Whenever a line of the records below contains the word "source", copy that line.

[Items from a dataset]
━━━━━━━━━━━━━━━━━━━━━━━━━━━━━━

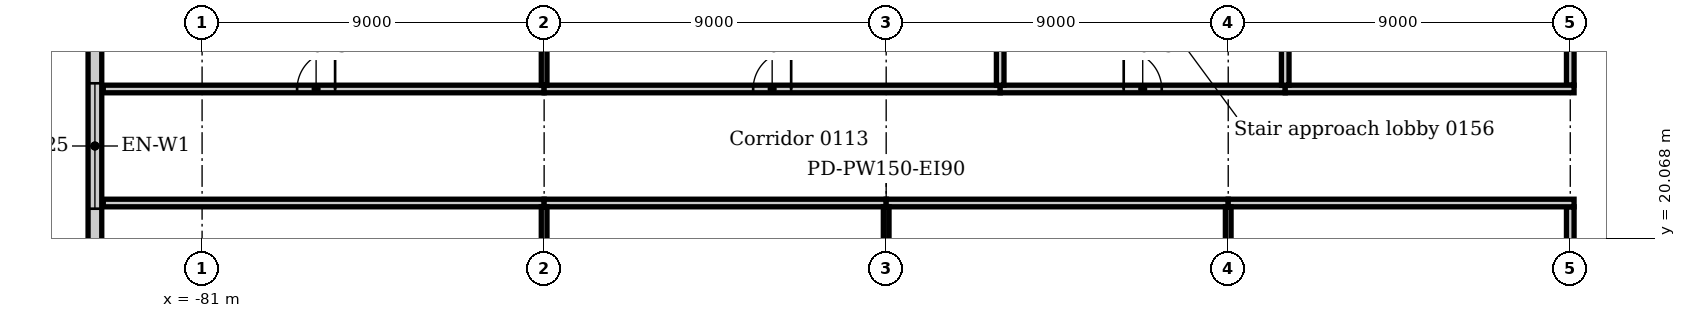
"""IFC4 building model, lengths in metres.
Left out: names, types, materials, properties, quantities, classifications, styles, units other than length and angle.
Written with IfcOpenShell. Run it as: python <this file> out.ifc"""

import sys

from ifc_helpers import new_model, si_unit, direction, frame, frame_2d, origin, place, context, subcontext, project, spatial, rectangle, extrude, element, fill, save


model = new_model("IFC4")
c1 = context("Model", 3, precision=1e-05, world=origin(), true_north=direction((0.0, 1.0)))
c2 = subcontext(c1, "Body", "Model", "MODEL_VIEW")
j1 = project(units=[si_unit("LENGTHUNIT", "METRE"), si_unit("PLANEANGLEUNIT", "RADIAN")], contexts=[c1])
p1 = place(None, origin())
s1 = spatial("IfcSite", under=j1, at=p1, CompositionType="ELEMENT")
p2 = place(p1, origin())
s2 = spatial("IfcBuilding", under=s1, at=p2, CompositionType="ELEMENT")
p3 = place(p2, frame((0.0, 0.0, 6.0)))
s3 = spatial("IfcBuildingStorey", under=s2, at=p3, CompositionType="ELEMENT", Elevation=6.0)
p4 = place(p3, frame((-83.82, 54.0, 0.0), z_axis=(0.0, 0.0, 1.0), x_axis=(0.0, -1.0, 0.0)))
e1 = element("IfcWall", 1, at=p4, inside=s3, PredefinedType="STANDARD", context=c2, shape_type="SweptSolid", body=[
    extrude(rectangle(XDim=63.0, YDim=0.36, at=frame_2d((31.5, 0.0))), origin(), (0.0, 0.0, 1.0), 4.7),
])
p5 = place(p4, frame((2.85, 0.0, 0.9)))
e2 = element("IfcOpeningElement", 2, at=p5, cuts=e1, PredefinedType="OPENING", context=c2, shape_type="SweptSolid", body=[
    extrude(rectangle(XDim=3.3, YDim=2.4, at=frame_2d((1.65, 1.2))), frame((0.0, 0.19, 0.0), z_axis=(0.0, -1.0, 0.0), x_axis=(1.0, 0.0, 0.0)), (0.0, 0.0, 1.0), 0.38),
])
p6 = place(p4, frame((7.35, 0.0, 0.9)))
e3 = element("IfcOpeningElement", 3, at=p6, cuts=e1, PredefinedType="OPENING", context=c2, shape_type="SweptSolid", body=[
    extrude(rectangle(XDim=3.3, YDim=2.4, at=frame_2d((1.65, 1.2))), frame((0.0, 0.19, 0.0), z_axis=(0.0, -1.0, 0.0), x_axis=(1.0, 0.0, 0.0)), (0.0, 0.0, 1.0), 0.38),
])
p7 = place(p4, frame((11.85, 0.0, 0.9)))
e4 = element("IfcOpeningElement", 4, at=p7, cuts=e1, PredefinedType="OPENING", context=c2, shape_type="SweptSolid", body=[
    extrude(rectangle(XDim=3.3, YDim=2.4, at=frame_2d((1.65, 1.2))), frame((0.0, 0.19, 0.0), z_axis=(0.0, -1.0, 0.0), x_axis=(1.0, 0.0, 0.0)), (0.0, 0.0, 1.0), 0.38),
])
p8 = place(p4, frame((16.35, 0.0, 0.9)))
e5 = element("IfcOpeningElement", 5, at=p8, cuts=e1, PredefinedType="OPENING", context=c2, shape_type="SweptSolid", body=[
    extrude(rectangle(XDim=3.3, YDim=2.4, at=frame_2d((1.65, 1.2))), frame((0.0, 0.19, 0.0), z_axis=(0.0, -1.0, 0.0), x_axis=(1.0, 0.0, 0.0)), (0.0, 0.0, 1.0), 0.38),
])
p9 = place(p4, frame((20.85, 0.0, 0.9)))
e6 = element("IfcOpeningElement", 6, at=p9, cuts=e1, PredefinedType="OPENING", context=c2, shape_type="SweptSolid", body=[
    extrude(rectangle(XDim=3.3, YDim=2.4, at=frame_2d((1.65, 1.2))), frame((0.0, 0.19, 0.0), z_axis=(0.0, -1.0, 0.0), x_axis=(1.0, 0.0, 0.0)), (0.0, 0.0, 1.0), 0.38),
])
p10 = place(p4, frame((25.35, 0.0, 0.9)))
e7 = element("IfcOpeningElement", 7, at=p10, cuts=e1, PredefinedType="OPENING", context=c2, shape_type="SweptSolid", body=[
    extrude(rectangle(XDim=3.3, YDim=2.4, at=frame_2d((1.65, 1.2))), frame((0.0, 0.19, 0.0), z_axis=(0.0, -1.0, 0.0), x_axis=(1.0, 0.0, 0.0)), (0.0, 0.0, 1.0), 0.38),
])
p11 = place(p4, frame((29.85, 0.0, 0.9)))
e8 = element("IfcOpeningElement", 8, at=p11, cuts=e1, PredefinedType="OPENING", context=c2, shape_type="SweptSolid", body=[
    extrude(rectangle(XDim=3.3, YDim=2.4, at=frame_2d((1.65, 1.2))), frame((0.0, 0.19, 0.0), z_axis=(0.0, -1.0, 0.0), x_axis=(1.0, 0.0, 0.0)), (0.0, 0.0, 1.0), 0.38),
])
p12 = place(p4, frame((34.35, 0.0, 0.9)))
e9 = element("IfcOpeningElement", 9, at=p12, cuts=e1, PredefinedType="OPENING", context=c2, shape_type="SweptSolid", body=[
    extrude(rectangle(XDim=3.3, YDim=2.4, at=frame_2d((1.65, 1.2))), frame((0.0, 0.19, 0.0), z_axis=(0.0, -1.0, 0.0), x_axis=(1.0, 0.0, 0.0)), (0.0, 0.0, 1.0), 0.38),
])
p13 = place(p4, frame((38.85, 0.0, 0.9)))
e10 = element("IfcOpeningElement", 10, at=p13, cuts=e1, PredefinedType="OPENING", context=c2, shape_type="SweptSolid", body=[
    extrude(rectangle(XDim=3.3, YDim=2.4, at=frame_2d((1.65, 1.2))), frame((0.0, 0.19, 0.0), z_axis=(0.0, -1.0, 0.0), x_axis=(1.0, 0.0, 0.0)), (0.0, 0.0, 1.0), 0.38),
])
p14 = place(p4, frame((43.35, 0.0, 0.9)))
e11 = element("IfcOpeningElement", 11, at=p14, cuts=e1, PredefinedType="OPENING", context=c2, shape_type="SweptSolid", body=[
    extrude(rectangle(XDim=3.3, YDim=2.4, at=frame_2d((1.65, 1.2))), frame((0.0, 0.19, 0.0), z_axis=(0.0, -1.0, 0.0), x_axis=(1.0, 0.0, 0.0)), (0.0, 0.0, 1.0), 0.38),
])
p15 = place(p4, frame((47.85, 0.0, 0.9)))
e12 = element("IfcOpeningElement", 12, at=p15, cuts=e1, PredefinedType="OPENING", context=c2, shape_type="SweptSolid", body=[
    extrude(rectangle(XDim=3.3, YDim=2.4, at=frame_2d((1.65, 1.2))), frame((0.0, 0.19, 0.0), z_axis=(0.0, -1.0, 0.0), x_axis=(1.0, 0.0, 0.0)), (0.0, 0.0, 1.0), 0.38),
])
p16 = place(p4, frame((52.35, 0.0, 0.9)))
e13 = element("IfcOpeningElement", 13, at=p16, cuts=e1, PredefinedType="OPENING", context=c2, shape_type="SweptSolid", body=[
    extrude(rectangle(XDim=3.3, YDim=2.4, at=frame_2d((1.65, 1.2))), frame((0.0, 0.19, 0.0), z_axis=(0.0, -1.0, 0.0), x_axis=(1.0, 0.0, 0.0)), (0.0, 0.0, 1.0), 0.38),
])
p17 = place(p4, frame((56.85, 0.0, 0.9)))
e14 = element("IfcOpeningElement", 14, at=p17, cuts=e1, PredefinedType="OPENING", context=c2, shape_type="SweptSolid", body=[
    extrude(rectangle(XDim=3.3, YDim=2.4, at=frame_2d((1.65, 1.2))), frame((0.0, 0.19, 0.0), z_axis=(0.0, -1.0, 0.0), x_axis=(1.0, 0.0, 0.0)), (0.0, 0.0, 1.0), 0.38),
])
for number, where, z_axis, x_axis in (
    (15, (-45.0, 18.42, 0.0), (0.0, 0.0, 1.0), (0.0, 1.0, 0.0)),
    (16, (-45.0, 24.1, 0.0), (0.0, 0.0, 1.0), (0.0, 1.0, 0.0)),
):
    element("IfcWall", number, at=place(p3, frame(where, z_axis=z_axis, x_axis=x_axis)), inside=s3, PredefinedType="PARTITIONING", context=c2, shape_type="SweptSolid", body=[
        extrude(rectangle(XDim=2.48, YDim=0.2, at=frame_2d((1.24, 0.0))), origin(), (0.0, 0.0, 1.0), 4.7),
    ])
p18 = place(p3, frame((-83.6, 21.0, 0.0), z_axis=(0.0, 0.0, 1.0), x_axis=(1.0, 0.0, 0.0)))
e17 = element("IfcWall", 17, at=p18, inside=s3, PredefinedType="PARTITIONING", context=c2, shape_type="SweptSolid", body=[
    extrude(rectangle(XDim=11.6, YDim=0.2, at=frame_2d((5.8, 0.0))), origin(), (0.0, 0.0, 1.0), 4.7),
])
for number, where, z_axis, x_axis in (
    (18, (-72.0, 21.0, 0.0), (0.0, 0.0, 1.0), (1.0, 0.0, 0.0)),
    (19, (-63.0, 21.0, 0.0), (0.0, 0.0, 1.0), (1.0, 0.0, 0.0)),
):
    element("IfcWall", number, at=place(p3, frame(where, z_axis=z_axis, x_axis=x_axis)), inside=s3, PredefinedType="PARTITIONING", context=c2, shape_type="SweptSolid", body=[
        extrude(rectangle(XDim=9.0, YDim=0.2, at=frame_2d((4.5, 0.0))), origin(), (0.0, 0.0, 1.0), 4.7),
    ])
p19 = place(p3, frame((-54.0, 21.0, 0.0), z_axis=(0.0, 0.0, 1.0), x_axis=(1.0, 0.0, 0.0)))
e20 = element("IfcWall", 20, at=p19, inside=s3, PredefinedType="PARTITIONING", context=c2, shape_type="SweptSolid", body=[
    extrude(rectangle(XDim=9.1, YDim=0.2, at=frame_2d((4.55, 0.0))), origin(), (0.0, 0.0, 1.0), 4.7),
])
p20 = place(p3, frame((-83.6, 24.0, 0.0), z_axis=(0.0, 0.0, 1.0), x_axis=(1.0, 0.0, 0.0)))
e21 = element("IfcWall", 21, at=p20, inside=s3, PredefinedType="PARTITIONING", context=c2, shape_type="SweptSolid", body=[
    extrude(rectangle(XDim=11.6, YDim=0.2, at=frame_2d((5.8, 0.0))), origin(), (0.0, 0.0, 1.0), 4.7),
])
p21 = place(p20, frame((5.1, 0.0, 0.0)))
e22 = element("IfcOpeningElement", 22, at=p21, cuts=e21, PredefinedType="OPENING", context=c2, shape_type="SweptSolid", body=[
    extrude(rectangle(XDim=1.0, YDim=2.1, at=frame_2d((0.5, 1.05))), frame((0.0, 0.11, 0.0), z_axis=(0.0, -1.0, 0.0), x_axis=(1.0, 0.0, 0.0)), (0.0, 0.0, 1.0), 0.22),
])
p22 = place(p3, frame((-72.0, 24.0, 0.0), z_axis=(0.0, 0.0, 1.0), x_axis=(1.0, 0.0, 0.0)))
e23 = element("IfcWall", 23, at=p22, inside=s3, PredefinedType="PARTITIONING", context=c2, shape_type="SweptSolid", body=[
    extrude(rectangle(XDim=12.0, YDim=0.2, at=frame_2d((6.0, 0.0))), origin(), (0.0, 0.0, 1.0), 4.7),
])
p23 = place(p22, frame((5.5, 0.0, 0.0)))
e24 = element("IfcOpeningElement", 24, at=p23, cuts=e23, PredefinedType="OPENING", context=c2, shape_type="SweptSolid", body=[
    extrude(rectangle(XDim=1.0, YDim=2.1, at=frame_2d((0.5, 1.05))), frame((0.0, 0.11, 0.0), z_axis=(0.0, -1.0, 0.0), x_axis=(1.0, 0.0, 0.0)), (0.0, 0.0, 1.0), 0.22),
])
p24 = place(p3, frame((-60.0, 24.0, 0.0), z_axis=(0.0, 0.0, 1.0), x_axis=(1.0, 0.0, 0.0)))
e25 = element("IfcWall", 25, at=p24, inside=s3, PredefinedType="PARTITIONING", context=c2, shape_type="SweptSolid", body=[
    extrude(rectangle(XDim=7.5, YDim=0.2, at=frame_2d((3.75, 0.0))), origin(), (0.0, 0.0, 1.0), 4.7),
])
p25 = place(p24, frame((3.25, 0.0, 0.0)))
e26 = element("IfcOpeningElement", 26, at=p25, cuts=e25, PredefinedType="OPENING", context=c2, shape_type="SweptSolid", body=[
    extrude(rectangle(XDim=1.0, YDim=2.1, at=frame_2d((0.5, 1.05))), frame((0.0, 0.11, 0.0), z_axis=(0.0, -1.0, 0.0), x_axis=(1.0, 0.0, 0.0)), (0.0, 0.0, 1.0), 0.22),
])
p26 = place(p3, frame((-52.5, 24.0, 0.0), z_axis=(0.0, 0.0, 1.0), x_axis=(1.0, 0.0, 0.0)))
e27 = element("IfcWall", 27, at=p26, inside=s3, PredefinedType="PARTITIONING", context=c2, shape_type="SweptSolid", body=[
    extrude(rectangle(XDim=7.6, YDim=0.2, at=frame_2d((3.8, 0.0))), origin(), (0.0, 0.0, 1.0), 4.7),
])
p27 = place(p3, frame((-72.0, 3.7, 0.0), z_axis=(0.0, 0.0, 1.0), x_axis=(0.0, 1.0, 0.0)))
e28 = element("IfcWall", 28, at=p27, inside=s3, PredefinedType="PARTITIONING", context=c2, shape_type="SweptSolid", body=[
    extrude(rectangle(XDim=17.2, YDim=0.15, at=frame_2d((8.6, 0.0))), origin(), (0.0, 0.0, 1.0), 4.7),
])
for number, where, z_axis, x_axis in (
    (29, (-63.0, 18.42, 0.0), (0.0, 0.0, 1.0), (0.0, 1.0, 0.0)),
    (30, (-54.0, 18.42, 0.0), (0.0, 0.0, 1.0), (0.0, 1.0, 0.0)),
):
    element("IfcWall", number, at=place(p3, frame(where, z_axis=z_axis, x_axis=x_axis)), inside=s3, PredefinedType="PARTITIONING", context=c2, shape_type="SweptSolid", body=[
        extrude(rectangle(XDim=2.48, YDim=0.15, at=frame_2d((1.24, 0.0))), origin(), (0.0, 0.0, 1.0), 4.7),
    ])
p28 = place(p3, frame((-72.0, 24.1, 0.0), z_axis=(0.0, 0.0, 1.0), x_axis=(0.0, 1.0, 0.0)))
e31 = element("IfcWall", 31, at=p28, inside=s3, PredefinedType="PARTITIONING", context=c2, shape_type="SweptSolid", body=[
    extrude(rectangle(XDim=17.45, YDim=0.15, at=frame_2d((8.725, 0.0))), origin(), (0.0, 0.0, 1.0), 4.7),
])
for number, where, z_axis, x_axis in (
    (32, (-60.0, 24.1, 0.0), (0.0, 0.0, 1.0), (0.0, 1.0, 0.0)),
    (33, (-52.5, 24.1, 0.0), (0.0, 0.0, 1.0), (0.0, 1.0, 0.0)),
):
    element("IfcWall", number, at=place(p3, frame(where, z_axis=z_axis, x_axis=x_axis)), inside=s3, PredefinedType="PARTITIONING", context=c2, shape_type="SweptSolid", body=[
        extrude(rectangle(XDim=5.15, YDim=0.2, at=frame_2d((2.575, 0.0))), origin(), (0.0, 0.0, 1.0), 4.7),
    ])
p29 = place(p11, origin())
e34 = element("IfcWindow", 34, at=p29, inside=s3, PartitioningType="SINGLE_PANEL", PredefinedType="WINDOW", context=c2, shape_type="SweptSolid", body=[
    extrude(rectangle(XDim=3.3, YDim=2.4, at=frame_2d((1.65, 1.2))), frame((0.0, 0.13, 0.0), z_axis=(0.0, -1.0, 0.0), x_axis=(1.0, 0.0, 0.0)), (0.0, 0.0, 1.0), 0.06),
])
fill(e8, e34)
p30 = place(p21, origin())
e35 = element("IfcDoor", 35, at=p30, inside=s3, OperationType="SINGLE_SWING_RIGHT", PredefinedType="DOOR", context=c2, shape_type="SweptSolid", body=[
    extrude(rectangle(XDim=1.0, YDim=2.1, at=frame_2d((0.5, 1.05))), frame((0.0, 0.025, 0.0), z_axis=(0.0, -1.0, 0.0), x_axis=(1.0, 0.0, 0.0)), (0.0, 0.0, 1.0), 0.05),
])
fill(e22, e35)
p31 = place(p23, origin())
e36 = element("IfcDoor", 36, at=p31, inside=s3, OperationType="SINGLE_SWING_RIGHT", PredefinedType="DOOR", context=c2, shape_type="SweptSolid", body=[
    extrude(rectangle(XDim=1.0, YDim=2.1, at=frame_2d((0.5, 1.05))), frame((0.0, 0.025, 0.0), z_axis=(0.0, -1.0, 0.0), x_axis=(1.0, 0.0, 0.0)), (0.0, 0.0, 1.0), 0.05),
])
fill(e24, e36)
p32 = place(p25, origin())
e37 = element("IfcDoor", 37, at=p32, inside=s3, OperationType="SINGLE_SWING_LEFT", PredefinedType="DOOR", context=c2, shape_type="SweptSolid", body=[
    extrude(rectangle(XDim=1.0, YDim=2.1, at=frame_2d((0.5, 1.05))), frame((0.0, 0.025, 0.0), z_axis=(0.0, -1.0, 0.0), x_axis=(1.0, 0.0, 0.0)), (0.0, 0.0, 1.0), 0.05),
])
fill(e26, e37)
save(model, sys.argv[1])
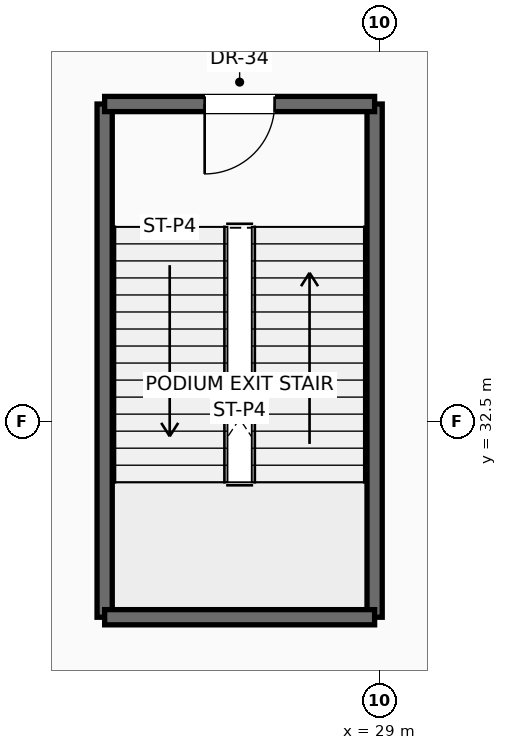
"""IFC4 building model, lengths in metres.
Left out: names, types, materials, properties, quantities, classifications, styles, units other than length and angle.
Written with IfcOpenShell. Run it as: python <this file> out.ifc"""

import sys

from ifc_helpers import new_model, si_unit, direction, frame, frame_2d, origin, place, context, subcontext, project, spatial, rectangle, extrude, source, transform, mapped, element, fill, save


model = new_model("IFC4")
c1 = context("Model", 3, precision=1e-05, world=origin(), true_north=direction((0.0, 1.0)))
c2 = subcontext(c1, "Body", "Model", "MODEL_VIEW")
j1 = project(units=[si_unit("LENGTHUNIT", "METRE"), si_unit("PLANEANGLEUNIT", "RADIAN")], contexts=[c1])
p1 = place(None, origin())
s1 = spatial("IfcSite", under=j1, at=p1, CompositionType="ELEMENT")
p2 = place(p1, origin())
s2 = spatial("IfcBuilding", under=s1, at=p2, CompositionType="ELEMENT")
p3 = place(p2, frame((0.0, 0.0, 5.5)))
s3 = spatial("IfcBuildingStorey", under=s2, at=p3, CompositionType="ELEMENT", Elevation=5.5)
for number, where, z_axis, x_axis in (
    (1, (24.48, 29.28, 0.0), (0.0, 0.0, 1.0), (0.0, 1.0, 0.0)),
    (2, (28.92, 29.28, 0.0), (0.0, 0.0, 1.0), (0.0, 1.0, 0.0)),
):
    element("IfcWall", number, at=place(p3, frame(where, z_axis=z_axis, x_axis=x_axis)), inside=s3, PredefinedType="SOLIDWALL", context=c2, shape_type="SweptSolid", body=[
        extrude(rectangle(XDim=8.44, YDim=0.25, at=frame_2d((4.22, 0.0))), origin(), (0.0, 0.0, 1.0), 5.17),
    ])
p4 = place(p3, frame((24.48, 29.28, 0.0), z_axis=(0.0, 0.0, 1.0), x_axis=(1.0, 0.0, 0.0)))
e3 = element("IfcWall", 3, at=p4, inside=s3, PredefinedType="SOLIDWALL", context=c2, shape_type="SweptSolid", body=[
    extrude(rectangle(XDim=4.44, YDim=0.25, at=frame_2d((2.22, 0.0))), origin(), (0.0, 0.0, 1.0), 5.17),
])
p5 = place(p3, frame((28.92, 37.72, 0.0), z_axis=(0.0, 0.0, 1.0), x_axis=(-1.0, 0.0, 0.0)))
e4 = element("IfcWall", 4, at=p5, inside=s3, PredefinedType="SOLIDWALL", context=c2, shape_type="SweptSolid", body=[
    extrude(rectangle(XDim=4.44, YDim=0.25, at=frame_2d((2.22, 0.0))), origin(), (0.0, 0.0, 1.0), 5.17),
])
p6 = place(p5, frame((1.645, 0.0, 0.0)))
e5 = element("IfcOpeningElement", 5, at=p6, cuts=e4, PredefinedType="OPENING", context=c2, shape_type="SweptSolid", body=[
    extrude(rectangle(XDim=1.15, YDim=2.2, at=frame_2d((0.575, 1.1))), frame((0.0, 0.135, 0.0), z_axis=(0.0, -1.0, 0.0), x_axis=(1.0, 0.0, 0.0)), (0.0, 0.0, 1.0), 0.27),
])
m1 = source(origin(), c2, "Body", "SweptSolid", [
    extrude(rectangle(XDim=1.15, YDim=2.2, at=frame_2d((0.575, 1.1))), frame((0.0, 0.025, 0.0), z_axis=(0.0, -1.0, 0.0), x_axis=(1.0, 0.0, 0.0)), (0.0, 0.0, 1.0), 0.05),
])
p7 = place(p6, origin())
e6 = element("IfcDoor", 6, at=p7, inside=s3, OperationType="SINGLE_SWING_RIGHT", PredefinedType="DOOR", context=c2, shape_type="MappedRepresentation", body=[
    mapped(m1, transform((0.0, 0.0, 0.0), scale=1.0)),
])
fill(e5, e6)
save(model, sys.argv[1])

━━━━━━━━━━━━━━━━━━━━━━━━━━━━━━

__Your response__
from ifc_helpers import new_model, si_unit, direction, frame, frame_2d, origin, place, context, subcontext, project, spatial, rectangle, extrude, source, transform, mapped, element, fill, save
m1 = source(origin(), c2, "Body", "SweptSolid", [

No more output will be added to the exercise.